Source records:
________

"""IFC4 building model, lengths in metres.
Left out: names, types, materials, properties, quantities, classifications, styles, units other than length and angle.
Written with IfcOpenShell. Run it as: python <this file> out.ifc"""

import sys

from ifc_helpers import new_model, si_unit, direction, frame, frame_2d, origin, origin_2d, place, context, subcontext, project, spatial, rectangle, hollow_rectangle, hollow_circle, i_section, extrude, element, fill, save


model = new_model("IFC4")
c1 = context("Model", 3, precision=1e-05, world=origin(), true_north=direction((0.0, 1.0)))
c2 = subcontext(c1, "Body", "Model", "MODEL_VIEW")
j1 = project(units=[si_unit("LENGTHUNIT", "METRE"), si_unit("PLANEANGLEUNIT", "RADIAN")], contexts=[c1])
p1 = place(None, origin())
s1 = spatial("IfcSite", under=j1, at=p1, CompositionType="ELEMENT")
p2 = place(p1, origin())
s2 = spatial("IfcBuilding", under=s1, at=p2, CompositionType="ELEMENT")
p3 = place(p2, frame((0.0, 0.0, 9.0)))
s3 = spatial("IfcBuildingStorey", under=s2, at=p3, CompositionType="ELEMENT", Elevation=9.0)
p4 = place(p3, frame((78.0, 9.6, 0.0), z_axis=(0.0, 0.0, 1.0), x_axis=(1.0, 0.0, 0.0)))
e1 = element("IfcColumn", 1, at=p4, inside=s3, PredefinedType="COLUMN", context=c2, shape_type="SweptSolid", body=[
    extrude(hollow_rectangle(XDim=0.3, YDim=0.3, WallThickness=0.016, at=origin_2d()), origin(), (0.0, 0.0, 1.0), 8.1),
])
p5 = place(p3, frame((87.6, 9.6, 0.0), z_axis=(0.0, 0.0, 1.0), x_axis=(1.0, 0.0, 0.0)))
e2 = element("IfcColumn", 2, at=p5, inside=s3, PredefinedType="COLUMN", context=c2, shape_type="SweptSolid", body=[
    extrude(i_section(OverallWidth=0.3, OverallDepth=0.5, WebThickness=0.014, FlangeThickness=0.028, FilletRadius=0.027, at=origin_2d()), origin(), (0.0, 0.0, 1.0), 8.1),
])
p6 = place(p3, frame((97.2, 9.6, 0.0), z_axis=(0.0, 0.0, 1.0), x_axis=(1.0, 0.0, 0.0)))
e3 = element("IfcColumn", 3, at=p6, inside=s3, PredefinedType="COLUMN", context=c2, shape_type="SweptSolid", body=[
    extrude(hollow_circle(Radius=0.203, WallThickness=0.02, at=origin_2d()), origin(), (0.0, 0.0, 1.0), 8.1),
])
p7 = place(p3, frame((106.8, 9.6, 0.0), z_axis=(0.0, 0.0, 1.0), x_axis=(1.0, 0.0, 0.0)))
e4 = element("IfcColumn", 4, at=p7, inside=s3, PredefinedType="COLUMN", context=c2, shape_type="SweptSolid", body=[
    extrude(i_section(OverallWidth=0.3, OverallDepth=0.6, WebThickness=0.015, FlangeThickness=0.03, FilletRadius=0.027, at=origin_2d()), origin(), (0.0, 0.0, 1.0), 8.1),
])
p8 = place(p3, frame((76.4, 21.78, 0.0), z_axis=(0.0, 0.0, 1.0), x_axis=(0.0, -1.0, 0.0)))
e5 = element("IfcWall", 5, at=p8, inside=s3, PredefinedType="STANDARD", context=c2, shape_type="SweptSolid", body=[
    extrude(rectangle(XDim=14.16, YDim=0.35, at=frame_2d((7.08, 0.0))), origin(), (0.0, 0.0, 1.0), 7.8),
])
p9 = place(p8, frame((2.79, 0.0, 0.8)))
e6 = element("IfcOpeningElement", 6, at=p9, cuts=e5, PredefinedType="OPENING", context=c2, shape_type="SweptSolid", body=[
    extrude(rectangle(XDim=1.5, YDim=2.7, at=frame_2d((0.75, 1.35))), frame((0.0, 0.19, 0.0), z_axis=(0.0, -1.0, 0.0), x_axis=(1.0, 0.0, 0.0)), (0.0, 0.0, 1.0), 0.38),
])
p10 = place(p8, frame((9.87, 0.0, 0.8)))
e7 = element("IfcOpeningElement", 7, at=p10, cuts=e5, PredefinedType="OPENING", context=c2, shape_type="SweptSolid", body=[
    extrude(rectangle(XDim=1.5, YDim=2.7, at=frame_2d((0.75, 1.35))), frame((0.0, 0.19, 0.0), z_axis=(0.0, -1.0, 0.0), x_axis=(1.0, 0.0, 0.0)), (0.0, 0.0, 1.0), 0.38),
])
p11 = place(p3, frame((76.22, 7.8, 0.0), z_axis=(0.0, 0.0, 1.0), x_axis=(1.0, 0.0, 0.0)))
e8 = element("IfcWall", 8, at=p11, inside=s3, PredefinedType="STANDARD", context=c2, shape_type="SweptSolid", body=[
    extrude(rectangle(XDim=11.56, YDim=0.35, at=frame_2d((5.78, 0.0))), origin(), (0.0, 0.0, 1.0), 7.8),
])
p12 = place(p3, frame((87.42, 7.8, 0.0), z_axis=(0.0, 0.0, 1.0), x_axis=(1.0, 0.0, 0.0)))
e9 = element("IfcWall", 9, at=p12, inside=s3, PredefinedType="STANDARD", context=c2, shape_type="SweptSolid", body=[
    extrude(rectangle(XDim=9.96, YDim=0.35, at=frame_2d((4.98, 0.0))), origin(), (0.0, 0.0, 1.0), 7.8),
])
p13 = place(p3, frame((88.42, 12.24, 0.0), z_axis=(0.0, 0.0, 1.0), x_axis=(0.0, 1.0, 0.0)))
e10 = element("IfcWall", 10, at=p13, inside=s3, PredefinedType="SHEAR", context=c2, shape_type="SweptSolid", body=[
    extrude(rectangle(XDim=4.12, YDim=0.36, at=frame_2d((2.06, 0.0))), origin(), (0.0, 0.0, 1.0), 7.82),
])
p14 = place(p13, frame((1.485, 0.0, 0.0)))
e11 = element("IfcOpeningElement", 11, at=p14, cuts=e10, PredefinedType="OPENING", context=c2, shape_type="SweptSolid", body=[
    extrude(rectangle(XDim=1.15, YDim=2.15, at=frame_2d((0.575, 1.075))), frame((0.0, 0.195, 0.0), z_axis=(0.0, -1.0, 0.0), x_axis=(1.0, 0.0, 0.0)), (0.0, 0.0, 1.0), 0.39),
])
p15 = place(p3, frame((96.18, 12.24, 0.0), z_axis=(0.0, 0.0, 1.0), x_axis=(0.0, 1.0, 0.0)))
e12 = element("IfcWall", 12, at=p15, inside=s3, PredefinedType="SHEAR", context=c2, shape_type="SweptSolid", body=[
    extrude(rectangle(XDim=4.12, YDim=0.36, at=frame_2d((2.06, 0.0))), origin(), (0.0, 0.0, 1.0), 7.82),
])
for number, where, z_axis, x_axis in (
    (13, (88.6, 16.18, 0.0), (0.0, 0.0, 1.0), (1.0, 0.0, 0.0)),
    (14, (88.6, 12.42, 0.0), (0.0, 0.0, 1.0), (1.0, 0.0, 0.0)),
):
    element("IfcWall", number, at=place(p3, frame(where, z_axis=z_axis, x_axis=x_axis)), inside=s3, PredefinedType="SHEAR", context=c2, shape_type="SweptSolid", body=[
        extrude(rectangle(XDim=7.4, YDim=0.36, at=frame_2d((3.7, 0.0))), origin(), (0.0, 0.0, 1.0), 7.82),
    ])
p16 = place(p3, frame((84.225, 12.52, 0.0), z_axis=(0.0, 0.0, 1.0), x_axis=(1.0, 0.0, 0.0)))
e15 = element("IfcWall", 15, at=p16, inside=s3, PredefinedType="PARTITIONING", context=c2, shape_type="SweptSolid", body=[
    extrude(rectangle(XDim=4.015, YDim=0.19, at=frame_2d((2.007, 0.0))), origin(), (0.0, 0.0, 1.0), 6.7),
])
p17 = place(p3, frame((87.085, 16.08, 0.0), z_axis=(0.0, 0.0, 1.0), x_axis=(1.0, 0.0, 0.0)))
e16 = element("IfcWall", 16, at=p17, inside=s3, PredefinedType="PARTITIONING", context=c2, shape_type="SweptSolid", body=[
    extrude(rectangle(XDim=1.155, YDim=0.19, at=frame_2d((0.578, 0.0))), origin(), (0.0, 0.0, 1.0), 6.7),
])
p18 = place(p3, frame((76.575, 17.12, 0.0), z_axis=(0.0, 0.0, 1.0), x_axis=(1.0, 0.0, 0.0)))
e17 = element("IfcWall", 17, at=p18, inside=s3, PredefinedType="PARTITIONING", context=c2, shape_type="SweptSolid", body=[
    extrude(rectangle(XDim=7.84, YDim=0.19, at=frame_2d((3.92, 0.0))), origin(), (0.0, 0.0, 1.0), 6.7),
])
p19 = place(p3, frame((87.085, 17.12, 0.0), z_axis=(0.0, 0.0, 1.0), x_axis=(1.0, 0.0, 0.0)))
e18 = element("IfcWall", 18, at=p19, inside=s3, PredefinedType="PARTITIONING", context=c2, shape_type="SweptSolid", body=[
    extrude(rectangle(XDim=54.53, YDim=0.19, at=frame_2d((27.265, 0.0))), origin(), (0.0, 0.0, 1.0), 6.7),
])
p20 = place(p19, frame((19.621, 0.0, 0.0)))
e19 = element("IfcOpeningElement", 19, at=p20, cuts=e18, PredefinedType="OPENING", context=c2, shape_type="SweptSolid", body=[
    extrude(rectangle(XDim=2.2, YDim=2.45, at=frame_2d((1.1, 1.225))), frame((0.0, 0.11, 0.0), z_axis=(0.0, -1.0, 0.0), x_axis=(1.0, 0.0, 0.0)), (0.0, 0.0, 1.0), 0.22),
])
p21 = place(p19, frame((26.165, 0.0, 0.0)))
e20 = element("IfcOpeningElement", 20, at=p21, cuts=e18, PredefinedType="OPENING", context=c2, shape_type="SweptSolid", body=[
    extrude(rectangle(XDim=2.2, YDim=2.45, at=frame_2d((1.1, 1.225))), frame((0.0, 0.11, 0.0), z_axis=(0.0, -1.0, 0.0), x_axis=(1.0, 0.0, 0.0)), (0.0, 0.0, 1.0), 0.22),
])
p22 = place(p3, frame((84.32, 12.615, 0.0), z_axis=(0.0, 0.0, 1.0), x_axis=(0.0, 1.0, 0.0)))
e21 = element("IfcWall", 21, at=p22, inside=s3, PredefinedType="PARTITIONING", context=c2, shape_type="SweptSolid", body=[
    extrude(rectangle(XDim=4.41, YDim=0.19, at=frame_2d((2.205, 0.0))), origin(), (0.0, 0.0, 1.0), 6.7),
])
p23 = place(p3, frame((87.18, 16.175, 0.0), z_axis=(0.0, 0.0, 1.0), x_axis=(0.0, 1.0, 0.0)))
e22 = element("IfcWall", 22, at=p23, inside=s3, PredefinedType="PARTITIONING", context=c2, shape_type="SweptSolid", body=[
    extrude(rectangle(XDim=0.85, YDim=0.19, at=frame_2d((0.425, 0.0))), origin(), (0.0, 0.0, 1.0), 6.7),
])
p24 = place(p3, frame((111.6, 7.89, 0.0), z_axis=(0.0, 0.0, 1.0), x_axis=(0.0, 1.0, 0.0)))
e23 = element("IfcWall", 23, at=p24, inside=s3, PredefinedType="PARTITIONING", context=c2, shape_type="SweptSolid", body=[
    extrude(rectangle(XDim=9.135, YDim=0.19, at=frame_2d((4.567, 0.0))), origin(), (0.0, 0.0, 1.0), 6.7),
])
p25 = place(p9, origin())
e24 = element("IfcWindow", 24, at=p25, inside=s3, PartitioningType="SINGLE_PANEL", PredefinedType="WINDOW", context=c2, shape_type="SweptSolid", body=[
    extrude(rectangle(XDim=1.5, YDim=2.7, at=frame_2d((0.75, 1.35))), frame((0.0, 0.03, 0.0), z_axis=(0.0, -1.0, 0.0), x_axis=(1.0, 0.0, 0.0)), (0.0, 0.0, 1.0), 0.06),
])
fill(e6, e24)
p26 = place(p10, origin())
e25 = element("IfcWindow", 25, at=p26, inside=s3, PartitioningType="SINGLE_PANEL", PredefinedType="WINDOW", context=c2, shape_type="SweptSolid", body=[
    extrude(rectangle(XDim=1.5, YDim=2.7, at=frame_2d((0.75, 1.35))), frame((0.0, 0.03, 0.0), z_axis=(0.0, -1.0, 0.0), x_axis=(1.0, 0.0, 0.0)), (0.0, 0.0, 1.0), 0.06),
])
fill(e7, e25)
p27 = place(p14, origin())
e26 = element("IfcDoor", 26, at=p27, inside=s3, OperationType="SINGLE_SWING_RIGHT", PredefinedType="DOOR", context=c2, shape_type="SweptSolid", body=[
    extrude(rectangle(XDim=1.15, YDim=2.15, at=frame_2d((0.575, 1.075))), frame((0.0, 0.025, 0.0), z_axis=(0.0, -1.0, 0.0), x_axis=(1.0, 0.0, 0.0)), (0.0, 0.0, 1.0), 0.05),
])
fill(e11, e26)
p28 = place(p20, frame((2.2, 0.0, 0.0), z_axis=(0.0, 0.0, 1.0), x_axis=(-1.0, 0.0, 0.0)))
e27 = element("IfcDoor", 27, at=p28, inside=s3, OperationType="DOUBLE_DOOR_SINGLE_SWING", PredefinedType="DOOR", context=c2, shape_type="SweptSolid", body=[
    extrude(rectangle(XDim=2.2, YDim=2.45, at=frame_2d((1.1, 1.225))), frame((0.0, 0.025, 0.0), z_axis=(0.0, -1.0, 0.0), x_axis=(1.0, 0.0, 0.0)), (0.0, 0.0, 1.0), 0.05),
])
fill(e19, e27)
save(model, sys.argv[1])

________

Problem statement:
Retype the entries exactly from the first line, stopping after the line with "p2 = place(p1, origin())".

Reply:
"""IFC4 building model, lengths in metres.
Left out: names, types, materials, properties, quantities, classifications, styles, units other than length and angle.
Written with IfcOpenShell. Run it as: python <this file> out.ifc"""

import sys

from ifc_helpers import new_model, si_unit, direction, frame, frame_2d, origin, origin_2d, place, context, subcontext, project, spatial, rectangle, hollow_rectangle, hollow_circle, i_section, extrude, element, fill, save


model = new_model("IFC4")
c1 = context("Model", 3, precision=1e-05, world=origin(), true_north=direction((0.0, 1.0)))
c2 = subcontext(c1, "Body", "Model", "MODEL_VIEW")
j1 = project(units=[si_unit("LENGTHUNIT", "METRE"), si_unit("PLANEANGLEUNIT", "RADIAN")], contexts=[c1])
p1 = place(None, origin())
s1 = spatial("IfcSite", under=j1, at=p1, CompositionType="ELEMENT")
p2 = place(p1, origin())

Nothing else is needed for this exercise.